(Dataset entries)
+===+

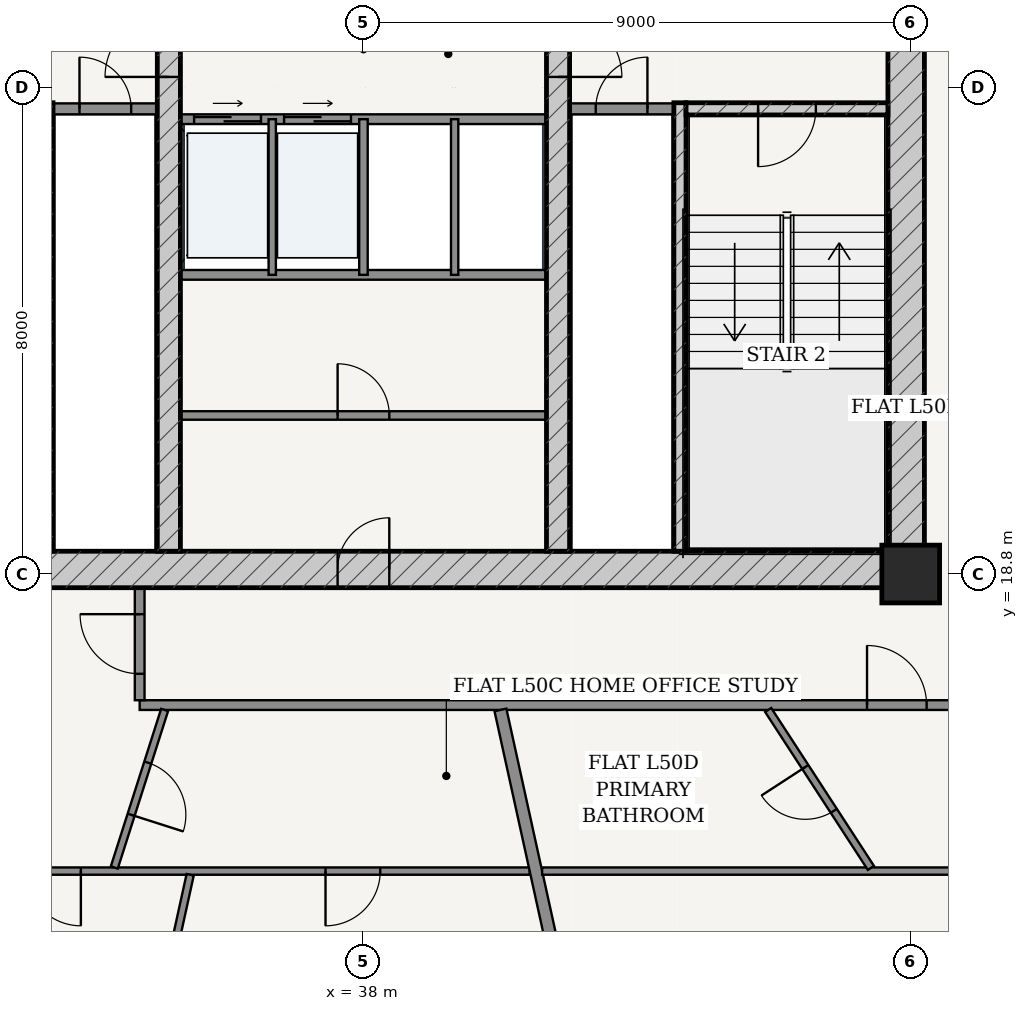
"""IFC4 building model, lengths in metres.
Left out: names, types, materials, properties, quantities, classifications, styles, units other than length and angle.
Written with IfcOpenShell. Run it as: python <this file> out.ifc"""

import sys

from ifc_helpers import new_model, si_unit, direction, frame, frame_2d, origin, origin_2d, place, context, subcontext, project, spatial, rectangle, extrude, source, transform, mapped, element, fill, save


model = new_model("IFC4")
c1 = context("Model", 3, precision=1e-05, world=origin(), true_north=direction((-0.2419218956, 0.970295726276)))
c2 = subcontext(c1, "Body", "Model", "MODEL_VIEW")
j1 = project(units=[si_unit("LENGTHUNIT", "METRE"), si_unit("PLANEANGLEUNIT", "RADIAN")], contexts=[c1])
p1 = place(None, origin())
s1 = spatial("IfcSite", under=j1, at=p1, CompositionType="ELEMENT")
p2 = place(p1, origin())
s2 = spatial("IfcBuilding", under=s1, at=p2, CompositionType="ELEMENT")
p3 = place(p2, frame((0.0, 0.0, 191.2)))
s3 = spatial("IfcBuildingStorey", under=s2, at=p3, CompositionType="ELEMENT", Elevation=191.2)
p4 = place(p3, frame((47.0, 18.8, 0.0), z_axis=(0.0, 0.0, 1.0), x_axis=(1.0, 0.0, 0.0)))
e1 = element("IfcColumn", 1, at=p4, inside=s3, PredefinedType="COLUMN", context=c2, shape_type="SweptSolid", body=[
    extrude(rectangle(XDim=0.95, YDim=0.95, at=origin_2d()), origin(), (0.0, 0.0, 1.0), 3.7),
])
p5 = place(p3, frame((28.775, 18.875, 0.0), z_axis=(0.0, 0.0, 1.0), x_axis=(1.0, 0.0, 0.0)))
e2 = element("IfcWall", 2, at=p5, inside=s3, PredefinedType="SHEAR", context=c2, shape_type="SweptSolid", body=[
    extrude(rectangle(XDim=18.45, YDim=0.6, at=frame_2d((9.225, 0.0))), origin(), (0.0, 0.0, 1.0), 3.435),
])
p6 = place(p5, frame((8.8, 0.0, 0.0)))
e3 = element("IfcOpeningElement", 3, at=p6, cuts=e2, PredefinedType="OPENING", context=c2, shape_type="SweptSolid", body=[
    extrude(rectangle(XDim=0.85, YDim=2.1, at=frame_2d((0.425, 1.05))), frame((0.0, 0.31, 0.0), z_axis=(0.0, -1.0, 0.0), x_axis=(1.0, 0.0, 0.0)), (0.0, 0.0, 1.0), 0.62),
])
p7 = place(p3, frame((46.925, 19.175, 0.0), z_axis=(0.0, 0.0, 1.0), x_axis=(0.0, 1.0, 0.0)))
e4 = element("IfcWall", 4, at=p7, inside=s3, PredefinedType="SHEAR", context=c2, shape_type="SweptSolid", body=[
    extrude(rectangle(XDim=15.25, YDim=0.6, at=frame_2d((7.625, 0.0))), origin(), (0.0, 0.0, 1.0), 3.435),
])
p8 = place(p7, frame((9.875, 0.0, 0.0)))
e5 = element("IfcOpeningElement", 5, at=p8, cuts=e4, PredefinedType="OPENING", context=c2, shape_type="SweptSolid", body=[
    extrude(rectangle(XDim=1.5, YDim=2.2, at=frame_2d((0.75, 1.1))), frame((0.0, 0.31, 0.0), z_axis=(0.0, -1.0, 0.0), x_axis=(1.0, 0.0, 0.0)), (0.0, 0.0, 1.0), 0.62),
])
for number, where, z_axis, x_axis in (
    (6, (32.795, 19.175, 0.0), (0.0, 0.0, 1.0), (0.0, 1.0, 0.0)),
    (7, (43.205, 19.175, 0.0), (0.0, 0.0, 1.0), (0.0, 1.0, 0.0)),
):
    element("IfcWall", number, at=place(p3, frame(where, z_axis=z_axis, x_axis=x_axis)), inside=s3, PredefinedType="SOLIDWALL", context=c2, shape_type="SweptSolid", body=[
        extrude(rectangle(XDim=7.375, YDim=0.2, at=frame_2d((3.688, 0.0))), origin(), (0.0, 0.0, 1.0), 3.435),
    ])
p9 = place(p3, frame((43.305, 26.45, 0.0), z_axis=(0.0, 0.0, 1.0), x_axis=(1.0, 0.0, 0.0)))
e8 = element("IfcWall", 8, at=p9, inside=s3, PredefinedType="SOLIDWALL", context=c2, shape_type="SweptSolid", body=[
    extrude(rectangle(XDim=3.32, YDim=0.2, at=frame_2d((1.66, 0.0))), origin(), (0.0, 0.0, 1.0), 3.435),
])
p10 = place(p9, frame((1.185, 0.0, 0.0)))
e9 = element("IfcOpeningElement", 9, at=p10, cuts=e8, PredefinedType="OPENING", context=c2, shape_type="SweptSolid", body=[
    extrude(rectangle(XDim=0.95, YDim=2.15, at=frame_2d((0.475, 1.075))), frame((0.0, 0.11, 0.0), z_axis=(0.0, -1.0, 0.0), x_axis=(1.0, 0.0, 0.0)), (0.0, 0.0, 1.0), 0.22),
])
p11 = place(p3, frame((34.8, 19.175, 0.0), z_axis=(0.0, 0.0, 1.0), x_axis=(0.0, 1.0, 0.0)))
e10 = element("IfcWall", 10, at=p11, inside=s3, PredefinedType="SHEAR", context=c2, shape_type="SweptSolid", body=[
    extrude(rectangle(XDim=15.25, YDim=0.38, at=frame_2d((7.625, 0.0))), origin(), (0.0, 0.0, 1.0), 3.435),
])
p12 = place(p11, frame((7.8, 0.0, 0.0)))
e11 = element("IfcOpeningElement", 11, at=p12, cuts=e10, PredefinedType="OPENING", context=c2, shape_type="SweptSolid", body=[
    extrude(rectangle(XDim=1.05, YDim=2.15, at=frame_2d((0.525, 1.075))), frame((0.0, 0.2, 0.0), z_axis=(0.0, -1.0, 0.0), x_axis=(1.0, 0.0, 0.0)), (0.0, 0.0, 1.0), 0.4),
])
p13 = place(p3, frame((41.2, 19.175, 0.0), z_axis=(0.0, 0.0, 1.0), x_axis=(0.0, 1.0, 0.0)))
e12 = element("IfcWall", 12, at=p13, inside=s3, PredefinedType="SHEAR", context=c2, shape_type="SweptSolid", body=[
    extrude(rectangle(XDim=15.25, YDim=0.38, at=frame_2d((7.625, 0.0))), origin(), (0.0, 0.0, 1.0), 3.435),
])
p14 = place(p13, frame((7.8, 0.0, 0.0)))
e13 = element("IfcOpeningElement", 13, at=p14, cuts=e12, PredefinedType="OPENING", context=c2, shape_type="SweptSolid", body=[
    extrude(rectangle(XDim=1.05, YDim=2.15, at=frame_2d((0.525, 1.075))), frame((0.0, 0.2, 0.0), z_axis=(0.0, -1.0, 0.0), x_axis=(1.0, 0.0, 0.0)), (0.0, 0.0, 1.0), 0.4),
])
p15 = place(p3, frame((32.9, 26.45, 0.0), z_axis=(0.0, 0.0, 1.0), x_axis=(1.0, 0.0, 0.0)))
e14 = element("IfcWall", 14, at=p15, inside=s3, PredefinedType="PARTITIONING", context=c2, shape_type="SweptSolid", body=[
    extrude(rectangle(XDim=1.71, YDim=0.18, at=frame_2d((0.855, 0.0))), origin(), (0.0, 0.0, 1.0), 3.435),
])
p16 = place(p15, frame((0.43, 0.0, 0.0)))
e15 = element("IfcOpeningElement", 15, at=p16, cuts=e14, PredefinedType="OPENING", context=c2, shape_type="SweptSolid", body=[
    extrude(rectangle(XDim=0.85, YDim=2.1, at=frame_2d((0.425, 1.05))), frame((0.0, 0.1, 0.0), z_axis=(0.0, -1.0, 0.0), x_axis=(1.0, 0.0, 0.0)), (0.0, 0.0, 1.0), 0.2),
])
p17 = place(p3, frame((41.39, 26.45, 0.0), z_axis=(0.0, 0.0, 1.0), x_axis=(1.0, 0.0, 0.0)))
e16 = element("IfcWall", 16, at=p17, inside=s3, PredefinedType="PARTITIONING", context=c2, shape_type="SweptSolid", body=[
    extrude(rectangle(XDim=1.71, YDim=0.18, at=frame_2d((0.855, 0.0))), origin(), (0.0, 0.0, 1.0), 3.435),
])
p18 = place(p17, frame((0.43, 0.0, 0.0)))
e17 = element("IfcOpeningElement", 17, at=p18, cuts=e16, PredefinedType="OPENING", context=c2, shape_type="SweptSolid", body=[
    extrude(rectangle(XDim=0.85, YDim=2.1, at=frame_2d((0.425, 1.05))), frame((0.0, 0.1, 0.0), z_axis=(0.0, -1.0, 0.0), x_axis=(1.0, 0.0, 0.0)), (0.0, 0.0, 1.0), 0.2),
])
p19 = place(p3, frame((34.99, 26.28, 0.0), z_axis=(0.0, 0.0, 1.0), x_axis=(1.0, 0.0, 0.0)))
e18 = element("IfcWall", 18, at=p19, inside=s3, PredefinedType="PARTITIONING", context=c2, shape_type="SweptSolid", body=[
    extrude(rectangle(XDim=6.02, YDim=0.16, at=frame_2d((3.01, 0.0))), origin(), (0.0, 0.0, 1.0), 3.435),
])
p20 = place(p19, frame((0.225, 0.0, 0.0)))
e19 = element("IfcOpeningElement", 19, at=p20, cuts=e18, PredefinedType="OPENING", context=c2, shape_type="SweptSolid", body=[
    extrude(rectangle(XDim=1.1, YDim=2.2, at=frame_2d((0.55, 1.1))), frame((0.0, 0.09, 0.0), z_axis=(0.0, -1.0, 0.0), x_axis=(1.0, 0.0, 0.0)), (0.0, 0.0, 1.0), 0.18),
])
p21 = place(p19, frame((1.705, 0.0, 0.0)))
e20 = element("IfcOpeningElement", 20, at=p21, cuts=e18, PredefinedType="OPENING", context=c2, shape_type="SweptSolid", body=[
    extrude(rectangle(XDim=1.1, YDim=2.2, at=frame_2d((0.55, 1.1))), frame((0.0, 0.09, 0.0), z_axis=(0.0, -1.0, 0.0), x_axis=(1.0, 0.0, 0.0)), (0.0, 0.0, 1.0), 0.18),
])
p22 = place(p3, frame((34.99, 23.72, 0.0), z_axis=(0.0, 0.0, 1.0), x_axis=(1.0, 0.0, 0.0)))
e21 = element("IfcWall", 21, at=p22, inside=s3, PredefinedType="PARTITIONING", context=c2, shape_type="SweptSolid", body=[
    extrude(rectangle(XDim=6.02, YDim=0.16, at=frame_2d((3.01, 0.0))), origin(), (0.0, 0.0, 1.0), 3.435),
])
p23 = place(p3, frame((36.5, 23.72, 0.0), z_axis=(0.0, 0.0, 1.0), x_axis=(0.0, 1.0, 0.0)))
e22 = element("IfcWall", 22, at=p23, inside=s3, PredefinedType="PARTITIONING", context=c2, shape_type="SweptSolid", body=[
    extrude(rectangle(XDim=2.56, YDim=0.12, at=frame_2d((1.28, 0.0))), origin(), (0.0, 0.0, 1.0), 3.435),
])
p24 = place(p3, frame((38.0, 23.72, 0.0), z_axis=(0.0, 0.0, 1.0), x_axis=(0.0, 1.0, 0.0)))
e23 = element("IfcWall", 23, at=p24, inside=s3, PredefinedType="PARTITIONING", context=c2, shape_type="SweptSolid", body=[
    extrude(rectangle(XDim=2.56, YDim=0.14, at=frame_2d((1.28, 0.0))), origin(), (0.0, 0.0, 1.0), 3.435),
])
p25 = place(p3, frame((39.5, 23.72, 0.0), z_axis=(0.0, 0.0, 1.0), x_axis=(0.0, 1.0, 0.0)))
e24 = element("IfcWall", 24, at=p25, inside=s3, PredefinedType="PARTITIONING", context=c2, shape_type="SweptSolid", body=[
    extrude(rectangle(XDim=2.56, YDim=0.12, at=frame_2d((1.28, 0.0))), origin(), (0.0, 0.0, 1.0), 3.435),
])
p26 = place(p3, frame((34.99, 21.407, 0.0), z_axis=(0.0, 0.0, 1.0), x_axis=(1.0, 0.0, 0.0)))
e25 = element("IfcWall", 25, at=p26, inside=s3, PredefinedType="PARTITIONING", context=c2, shape_type="SweptSolid", body=[
    extrude(rectangle(XDim=6.02, YDim=0.14, at=frame_2d((3.01, 0.0))), origin(), (0.0, 0.0, 1.0), 3.435),
])
p27 = place(p26, frame((2.585, 0.0, 0.0)))
e26 = element("IfcOpeningElement", 26, at=p27, cuts=e25, PredefinedType="OPENING", context=c2, shape_type="SweptSolid", body=[
    extrude(rectangle(XDim=0.85, YDim=2.1, at=frame_2d((0.425, 1.05))), frame((0.0, 0.08, 0.0), z_axis=(0.0, -1.0, 0.0), x_axis=(1.0, 0.0, 0.0)), (0.0, 0.0, 1.0), 0.16),
])
p28 = place(p3, frame((34.32, 16.645, 0.0), z_axis=(0.0, 0.0, 1.0), x_axis=(1.0, 0.0, 0.0)))
e27 = element("IfcWall", 27, at=p28, inside=s3, PredefinedType="PARTITIONING", context=c2, shape_type="SweptSolid", body=[
    extrude(rectangle(XDim=14.835, YDim=0.16, at=frame_2d((7.417, 0.0))), origin(), (0.0, 0.0, 1.0), 2.951),
])
p29 = place(p28, frame((11.961, 0.0, 0.0)))
e28 = element("IfcOpeningElement", 28, at=p29, cuts=e27, PredefinedType="OPENING", context=c2, shape_type="SweptSolid", body=[
    extrude(rectangle(XDim=0.98, YDim=2.2, at=frame_2d((0.49, 1.1))), frame((0.0, 0.09, 0.0), z_axis=(0.0, -1.0, 0.0), x_axis=(1.0, 0.0, 0.0)), (0.0, 0.0, 1.0), 0.18),
])
p30 = place(p3, frame((34.32, 16.725, 0.0), z_axis=(0.0, 0.0, 1.0), x_axis=(0.0, 1.0, 0.0)))
e29 = element("IfcWall", 29, at=p30, inside=s3, PredefinedType="PARTITIONING", context=c2, shape_type="SweptSolid", body=[
    extrude(rectangle(XDim=1.85, YDim=0.16, at=frame_2d((0.925, 0.0))), origin(), (0.0, 0.0, 1.0), 3.435),
])
p31 = place(p30, frame((0.435, 0.0, 0.0)))
e30 = element("IfcOpeningElement", 30, at=p31, cuts=e29, PredefinedType="OPENING", context=c2, shape_type="SweptSolid", body=[
    extrude(rectangle(XDim=0.98, YDim=2.2, at=frame_2d((0.49, 1.1))), frame((0.0, 0.09, 0.0), z_axis=(0.0, -1.0, 0.0), x_axis=(1.0, 0.0, 0.0)), (0.0, 0.0, 1.0), 0.18),
])
p32 = place(p3, frame((40.734, 13.915, 0.0), z_axis=(0.0, 0.0, 1.0), x_axis=(-1.0, 0.0, 0.0)))
e31 = element("IfcWall", 31, at=p32, inside=s3, PredefinedType="PARTITIONING", context=c2, shape_type="SweptSolid", body=[
    extrude(rectangle(XDim=9.144, YDim=0.12, at=frame_2d((4.572, 0.0))), origin(), (0.0, 0.0, 1.0), 2.951),
])
p33 = place(p32, frame((7.381, 0.0, 0.0)))
e32 = element("IfcOpeningElement", 32, at=p33, cuts=e31, PredefinedType="OPENING", context=c2, shape_type="SweptSolid", body=[
    extrude(rectangle(XDim=0.9, YDim=2.15, at=frame_2d((0.45, 1.075))), frame((0.0, 0.07, 0.0), z_axis=(0.0, -1.0, 0.0), x_axis=(1.0, 0.0, 0.0)), (0.0, 0.0, 1.0), 0.14),
])
p34 = place(p32, frame((2.458, 0.0, 0.0)))
e33 = element("IfcOpeningElement", 33, at=p34, cuts=e31, PredefinedType="OPENING", context=c2, shape_type="SweptSolid", body=[
    extrude(rectangle(XDim=0.9, YDim=2.15, at=frame_2d((0.45, 1.075))), frame((0.0, 0.07, 0.0), z_axis=(0.0, -1.0, 0.0), x_axis=(1.0, 0.0, 0.0)), (0.0, 0.0, 1.0), 0.14),
])
p35 = place(p3, frame((35.15, 13.854, 0.0), z_axis=(0.0, 0.0, 1.0), x_axis=(-0.214942949264, -0.976626606519, 0.0)))
e34 = element("IfcWall", 34, at=p35, inside=s3, PredefinedType="PARTITIONING", context=c2, shape_type="SweptSolid", body=[
    extrude(rectangle(XDim=6.427, YDim=0.12, at=frame_2d((3.213, 0.0))), origin(), (0.0, 0.0, 1.0), 2.951),
])
p36 = place(p3, frame((34.73, 16.565, 0.0), z_axis=(0.0, 0.0, 1.0), x_axis=(-0.304300161081, -0.952576197459, 0.0)))
e35 = element("IfcWall", 35, at=p36, inside=s3, PredefinedType="PARTITIONING", context=c2, shape_type="SweptSolid", body=[
    extrude(rectangle(XDim=2.72, YDim=0.12, at=frame_2d((1.36, 0.0))), origin(), (0.0, 0.0, 1.0), 3.11),
])
p37 = place(p36, frame((0.91, 0.0, 0.0)))
e36 = element("IfcOpeningElement", 36, at=p37, cuts=e35, PredefinedType="OPENING", context=c2, shape_type="SweptSolid", body=[
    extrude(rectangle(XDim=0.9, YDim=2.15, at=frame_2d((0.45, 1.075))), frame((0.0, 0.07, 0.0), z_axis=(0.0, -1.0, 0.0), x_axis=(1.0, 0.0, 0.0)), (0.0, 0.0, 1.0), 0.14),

+===+

Return every line above that contains the word "where".

■ Output for this exercise:
for number, where, z_axis, x_axis in (
    element("IfcWall", number, at=place(p3, frame(where, z_axis=z_axis, x_axis=x_axis)), inside=s3, PredefinedType="SOLIDWALL", context=c2, shape_type="SweptSolid", body=[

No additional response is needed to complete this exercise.